After finding the line that includes "p37 = place(p35, frame((13.5, 0.0, 0.0)))" in the records below, transcribe it and each line after it through the last, exactly, and add nothing.

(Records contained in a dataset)

- Opening Delimiter -

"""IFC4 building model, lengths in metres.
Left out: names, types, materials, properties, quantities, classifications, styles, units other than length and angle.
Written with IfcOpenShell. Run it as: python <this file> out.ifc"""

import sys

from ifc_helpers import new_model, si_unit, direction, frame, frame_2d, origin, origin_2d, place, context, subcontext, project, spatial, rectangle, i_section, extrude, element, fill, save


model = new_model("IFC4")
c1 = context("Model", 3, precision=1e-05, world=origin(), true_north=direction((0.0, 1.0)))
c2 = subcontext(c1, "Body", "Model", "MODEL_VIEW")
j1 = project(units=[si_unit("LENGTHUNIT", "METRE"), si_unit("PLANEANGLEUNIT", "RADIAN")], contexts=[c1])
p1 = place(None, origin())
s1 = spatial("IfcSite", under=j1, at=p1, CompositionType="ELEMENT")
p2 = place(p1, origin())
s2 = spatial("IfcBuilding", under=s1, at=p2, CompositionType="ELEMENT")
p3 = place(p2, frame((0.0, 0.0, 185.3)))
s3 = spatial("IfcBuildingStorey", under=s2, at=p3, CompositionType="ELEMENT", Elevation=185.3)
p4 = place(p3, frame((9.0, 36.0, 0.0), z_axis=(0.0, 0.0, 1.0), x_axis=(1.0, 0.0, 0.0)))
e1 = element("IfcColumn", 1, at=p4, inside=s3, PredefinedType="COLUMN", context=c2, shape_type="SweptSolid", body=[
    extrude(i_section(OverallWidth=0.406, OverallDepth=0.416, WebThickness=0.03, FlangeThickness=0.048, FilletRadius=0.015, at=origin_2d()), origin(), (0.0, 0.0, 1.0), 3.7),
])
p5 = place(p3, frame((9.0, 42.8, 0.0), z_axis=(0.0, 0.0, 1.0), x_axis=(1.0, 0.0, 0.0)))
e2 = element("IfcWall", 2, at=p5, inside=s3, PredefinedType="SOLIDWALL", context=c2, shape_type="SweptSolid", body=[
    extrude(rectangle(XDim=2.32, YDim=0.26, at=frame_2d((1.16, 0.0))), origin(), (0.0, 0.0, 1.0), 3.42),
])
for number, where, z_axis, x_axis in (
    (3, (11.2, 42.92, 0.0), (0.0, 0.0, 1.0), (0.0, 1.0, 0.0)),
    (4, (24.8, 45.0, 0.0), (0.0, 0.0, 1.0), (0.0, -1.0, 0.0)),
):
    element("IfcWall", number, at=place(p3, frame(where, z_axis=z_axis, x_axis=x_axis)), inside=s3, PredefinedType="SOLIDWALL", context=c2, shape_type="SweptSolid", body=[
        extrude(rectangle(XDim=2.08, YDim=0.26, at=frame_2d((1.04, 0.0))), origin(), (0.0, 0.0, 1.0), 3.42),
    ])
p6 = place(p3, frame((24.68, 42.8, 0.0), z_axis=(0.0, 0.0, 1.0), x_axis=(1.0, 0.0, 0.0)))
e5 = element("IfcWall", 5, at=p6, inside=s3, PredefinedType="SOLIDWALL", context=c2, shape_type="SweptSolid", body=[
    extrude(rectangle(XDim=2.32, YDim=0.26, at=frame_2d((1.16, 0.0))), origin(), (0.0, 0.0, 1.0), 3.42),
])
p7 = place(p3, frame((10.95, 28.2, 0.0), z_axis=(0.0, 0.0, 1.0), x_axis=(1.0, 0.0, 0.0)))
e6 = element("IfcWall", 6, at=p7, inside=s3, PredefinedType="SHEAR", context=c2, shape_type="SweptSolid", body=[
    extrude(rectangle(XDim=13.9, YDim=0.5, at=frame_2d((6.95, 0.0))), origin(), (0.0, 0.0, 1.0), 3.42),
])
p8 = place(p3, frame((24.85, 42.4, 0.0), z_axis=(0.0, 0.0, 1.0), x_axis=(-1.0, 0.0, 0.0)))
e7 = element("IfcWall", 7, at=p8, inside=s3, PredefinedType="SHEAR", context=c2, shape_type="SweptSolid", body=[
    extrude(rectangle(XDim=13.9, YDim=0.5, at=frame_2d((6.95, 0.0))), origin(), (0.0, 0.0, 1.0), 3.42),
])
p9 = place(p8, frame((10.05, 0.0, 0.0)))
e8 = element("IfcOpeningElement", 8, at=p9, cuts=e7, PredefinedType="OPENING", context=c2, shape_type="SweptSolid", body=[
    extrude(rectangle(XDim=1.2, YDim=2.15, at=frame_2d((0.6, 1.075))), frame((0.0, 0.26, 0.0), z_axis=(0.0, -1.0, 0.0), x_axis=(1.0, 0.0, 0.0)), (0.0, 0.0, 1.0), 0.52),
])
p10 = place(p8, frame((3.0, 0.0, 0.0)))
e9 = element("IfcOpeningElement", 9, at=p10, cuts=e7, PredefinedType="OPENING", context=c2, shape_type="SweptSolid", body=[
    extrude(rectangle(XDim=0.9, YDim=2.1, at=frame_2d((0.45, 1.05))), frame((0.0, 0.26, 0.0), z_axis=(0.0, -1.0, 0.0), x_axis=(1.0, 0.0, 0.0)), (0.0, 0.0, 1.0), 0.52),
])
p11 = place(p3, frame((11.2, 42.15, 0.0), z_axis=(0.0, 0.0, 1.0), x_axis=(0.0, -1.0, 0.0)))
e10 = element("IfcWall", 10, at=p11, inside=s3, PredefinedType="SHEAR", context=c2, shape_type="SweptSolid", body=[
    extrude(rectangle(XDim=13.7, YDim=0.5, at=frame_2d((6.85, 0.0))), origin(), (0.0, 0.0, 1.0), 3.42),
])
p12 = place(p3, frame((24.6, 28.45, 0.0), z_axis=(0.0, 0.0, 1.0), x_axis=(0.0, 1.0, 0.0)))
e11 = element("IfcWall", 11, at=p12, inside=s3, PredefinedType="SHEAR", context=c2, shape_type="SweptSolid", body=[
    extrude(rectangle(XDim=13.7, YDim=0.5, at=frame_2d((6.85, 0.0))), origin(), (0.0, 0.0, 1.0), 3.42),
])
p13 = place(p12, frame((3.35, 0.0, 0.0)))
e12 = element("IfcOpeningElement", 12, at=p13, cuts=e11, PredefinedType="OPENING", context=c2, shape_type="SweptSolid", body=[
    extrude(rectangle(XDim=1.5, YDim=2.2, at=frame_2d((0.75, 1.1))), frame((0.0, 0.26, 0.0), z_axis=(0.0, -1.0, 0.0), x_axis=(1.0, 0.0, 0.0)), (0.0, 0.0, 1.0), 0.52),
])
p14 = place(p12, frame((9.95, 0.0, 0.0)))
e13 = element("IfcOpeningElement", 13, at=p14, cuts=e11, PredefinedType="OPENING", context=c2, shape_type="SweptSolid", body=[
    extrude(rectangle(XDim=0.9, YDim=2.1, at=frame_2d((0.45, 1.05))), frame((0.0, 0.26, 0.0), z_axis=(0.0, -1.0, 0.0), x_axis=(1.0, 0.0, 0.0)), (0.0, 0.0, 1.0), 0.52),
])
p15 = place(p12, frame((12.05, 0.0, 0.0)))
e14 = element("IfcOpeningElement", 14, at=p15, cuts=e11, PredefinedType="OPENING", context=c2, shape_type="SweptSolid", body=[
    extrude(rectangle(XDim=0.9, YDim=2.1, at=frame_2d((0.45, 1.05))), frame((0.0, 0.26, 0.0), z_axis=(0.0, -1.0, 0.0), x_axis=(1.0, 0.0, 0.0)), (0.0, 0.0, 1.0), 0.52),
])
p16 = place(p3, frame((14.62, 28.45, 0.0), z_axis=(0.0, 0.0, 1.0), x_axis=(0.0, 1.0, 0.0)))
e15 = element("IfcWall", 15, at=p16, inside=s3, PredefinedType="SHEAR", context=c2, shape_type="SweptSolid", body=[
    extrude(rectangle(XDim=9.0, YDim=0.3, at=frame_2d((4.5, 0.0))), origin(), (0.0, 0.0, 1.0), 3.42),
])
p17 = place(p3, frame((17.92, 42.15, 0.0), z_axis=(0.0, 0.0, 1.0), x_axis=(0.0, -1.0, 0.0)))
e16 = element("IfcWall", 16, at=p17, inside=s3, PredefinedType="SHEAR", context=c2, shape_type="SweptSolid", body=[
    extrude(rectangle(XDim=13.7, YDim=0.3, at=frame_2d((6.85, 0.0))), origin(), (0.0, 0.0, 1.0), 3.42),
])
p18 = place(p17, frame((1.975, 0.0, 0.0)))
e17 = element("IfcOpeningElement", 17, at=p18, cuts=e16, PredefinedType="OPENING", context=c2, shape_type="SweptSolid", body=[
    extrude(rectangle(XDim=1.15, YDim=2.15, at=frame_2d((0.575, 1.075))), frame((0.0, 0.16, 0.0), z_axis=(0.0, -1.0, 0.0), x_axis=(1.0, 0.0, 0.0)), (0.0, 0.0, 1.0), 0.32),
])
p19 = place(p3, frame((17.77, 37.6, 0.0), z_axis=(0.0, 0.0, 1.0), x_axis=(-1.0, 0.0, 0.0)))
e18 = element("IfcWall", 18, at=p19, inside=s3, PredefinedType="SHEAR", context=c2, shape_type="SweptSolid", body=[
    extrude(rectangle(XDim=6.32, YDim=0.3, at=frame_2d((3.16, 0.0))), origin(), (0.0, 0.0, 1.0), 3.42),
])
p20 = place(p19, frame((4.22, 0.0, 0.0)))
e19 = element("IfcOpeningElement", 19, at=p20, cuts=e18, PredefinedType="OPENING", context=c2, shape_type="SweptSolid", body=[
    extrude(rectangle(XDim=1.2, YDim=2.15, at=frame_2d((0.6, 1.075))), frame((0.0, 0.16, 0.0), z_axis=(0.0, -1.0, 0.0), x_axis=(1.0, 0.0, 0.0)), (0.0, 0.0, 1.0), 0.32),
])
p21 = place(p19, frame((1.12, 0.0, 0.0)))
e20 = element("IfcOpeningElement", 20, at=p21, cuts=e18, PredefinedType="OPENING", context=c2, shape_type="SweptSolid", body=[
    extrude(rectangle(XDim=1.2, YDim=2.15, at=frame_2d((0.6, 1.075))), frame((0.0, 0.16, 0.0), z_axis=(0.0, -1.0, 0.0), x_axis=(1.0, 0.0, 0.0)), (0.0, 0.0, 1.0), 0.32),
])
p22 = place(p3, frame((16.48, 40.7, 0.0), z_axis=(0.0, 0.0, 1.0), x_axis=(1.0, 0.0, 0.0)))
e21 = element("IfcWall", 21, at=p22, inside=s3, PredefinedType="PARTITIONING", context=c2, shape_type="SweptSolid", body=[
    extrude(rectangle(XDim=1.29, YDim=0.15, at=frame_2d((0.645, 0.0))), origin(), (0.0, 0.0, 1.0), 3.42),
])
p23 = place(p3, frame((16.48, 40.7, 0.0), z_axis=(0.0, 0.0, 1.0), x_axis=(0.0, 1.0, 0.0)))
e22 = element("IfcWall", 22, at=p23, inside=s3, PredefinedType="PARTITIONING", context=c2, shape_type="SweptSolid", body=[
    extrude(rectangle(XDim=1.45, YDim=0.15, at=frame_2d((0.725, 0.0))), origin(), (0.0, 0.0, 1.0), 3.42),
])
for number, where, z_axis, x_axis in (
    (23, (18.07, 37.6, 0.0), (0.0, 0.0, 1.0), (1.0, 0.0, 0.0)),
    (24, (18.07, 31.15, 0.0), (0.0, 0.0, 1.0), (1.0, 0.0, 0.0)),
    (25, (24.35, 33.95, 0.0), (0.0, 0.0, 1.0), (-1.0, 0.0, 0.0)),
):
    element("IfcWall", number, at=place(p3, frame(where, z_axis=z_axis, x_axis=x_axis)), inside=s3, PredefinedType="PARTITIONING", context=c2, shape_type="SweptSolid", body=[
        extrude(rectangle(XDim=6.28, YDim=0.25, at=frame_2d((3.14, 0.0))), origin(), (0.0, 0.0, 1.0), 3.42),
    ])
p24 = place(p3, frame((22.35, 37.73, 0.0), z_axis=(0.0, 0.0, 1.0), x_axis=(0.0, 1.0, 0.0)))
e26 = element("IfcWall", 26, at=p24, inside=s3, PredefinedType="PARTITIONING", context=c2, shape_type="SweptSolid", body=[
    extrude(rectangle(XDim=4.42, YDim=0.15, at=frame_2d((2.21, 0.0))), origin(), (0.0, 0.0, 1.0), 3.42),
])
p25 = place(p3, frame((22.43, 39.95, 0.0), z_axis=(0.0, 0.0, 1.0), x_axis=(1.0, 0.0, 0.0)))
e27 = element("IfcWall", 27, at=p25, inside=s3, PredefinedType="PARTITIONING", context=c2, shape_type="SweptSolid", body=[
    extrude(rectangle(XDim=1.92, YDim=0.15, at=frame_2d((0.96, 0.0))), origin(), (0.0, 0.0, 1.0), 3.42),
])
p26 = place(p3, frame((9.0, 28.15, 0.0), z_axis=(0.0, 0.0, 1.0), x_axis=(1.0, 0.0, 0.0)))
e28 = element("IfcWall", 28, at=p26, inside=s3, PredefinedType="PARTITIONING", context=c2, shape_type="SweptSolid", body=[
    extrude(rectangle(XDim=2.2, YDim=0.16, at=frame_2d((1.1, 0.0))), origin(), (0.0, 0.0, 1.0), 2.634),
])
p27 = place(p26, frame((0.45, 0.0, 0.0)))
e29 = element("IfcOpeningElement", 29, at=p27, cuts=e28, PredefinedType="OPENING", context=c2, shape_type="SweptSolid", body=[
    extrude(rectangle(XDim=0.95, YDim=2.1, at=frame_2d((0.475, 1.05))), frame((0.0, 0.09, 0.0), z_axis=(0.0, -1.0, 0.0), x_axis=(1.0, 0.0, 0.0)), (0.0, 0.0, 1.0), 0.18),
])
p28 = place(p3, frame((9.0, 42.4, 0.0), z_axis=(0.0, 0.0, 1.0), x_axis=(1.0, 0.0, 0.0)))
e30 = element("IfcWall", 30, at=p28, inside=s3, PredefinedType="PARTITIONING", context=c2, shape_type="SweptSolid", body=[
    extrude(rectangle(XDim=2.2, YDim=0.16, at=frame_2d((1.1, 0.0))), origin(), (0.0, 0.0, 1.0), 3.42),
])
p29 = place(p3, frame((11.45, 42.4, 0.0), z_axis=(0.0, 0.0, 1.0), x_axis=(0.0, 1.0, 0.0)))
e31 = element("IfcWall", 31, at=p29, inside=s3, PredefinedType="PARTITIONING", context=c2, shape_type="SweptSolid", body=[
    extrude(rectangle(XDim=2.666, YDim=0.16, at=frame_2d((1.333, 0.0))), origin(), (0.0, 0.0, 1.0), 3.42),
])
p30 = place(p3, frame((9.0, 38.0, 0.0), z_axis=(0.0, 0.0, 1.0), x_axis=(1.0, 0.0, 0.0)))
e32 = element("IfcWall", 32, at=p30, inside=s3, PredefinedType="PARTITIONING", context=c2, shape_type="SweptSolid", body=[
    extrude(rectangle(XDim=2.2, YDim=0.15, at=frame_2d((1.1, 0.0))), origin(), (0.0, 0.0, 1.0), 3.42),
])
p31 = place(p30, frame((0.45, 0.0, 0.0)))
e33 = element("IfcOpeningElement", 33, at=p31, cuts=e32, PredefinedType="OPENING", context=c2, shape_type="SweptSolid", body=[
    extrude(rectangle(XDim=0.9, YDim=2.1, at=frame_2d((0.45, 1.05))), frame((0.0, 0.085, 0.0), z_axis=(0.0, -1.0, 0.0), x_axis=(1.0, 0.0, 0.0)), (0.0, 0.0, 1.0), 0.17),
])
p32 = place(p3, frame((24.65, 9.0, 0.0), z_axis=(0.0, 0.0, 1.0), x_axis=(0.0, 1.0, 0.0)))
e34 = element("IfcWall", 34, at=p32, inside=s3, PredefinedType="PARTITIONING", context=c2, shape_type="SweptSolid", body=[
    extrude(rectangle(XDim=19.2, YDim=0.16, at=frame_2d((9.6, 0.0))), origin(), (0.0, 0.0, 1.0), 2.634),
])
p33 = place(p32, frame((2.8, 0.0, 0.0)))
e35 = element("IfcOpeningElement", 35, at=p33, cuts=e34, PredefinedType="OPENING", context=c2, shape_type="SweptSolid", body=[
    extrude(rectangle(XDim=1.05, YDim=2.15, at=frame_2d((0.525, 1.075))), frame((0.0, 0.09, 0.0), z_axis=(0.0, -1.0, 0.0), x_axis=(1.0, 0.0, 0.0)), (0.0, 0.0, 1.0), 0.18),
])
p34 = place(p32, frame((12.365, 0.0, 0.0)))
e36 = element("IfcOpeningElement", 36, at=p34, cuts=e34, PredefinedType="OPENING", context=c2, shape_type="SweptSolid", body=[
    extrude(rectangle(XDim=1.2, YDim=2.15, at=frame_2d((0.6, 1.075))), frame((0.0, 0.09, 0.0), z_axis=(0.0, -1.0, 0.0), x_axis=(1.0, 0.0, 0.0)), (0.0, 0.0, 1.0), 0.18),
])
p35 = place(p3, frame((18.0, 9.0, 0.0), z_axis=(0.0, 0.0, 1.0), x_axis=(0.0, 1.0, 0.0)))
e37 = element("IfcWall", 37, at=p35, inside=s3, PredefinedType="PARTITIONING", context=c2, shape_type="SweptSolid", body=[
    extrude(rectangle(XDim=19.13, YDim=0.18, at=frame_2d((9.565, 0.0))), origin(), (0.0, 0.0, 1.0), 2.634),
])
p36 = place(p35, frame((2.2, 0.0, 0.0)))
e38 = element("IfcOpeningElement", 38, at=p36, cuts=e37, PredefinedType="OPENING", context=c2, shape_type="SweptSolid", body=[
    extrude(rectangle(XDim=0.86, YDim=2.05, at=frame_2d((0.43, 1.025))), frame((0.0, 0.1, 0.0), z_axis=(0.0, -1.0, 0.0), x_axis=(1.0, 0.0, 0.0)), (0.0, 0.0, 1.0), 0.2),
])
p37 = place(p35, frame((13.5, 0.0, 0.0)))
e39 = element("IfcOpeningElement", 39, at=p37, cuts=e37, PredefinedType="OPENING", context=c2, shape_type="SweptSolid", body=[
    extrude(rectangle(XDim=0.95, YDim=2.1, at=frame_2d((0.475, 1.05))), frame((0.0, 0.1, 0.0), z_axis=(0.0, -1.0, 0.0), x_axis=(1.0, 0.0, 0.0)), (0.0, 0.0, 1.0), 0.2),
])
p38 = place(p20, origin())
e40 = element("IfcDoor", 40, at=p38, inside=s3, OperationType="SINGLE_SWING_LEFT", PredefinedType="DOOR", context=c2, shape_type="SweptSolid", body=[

- Closing Delimiter -

→ **RESPONSE BOX**:
p37 = place(p35, frame((13.5, 0.0, 0.0)))
e39 = element("IfcOpeningElement", 39, at=p37, cuts=e37, PredefinedType="OPENING", context=c2, shape_type="SweptSolid", body=[
    extrude(rectangle(XDim=0.95, YDim=2.1, at=frame_2d((0.475, 1.05))), frame((0.0, 0.1, 0.0), z_axis=(0.0, -1.0, 0.0), x_axis=(1.0, 0.0, 0.0)), (0.0, 0.0, 1.0), 0.2),
])
p38 = place(p20, origin())
e40 = element("IfcDoor", 40, at=p38, inside=s3, OperationType="SINGLE_SWING_LEFT", PredefinedType="DOOR", context=c2, shape_type="SweptSolid", body=[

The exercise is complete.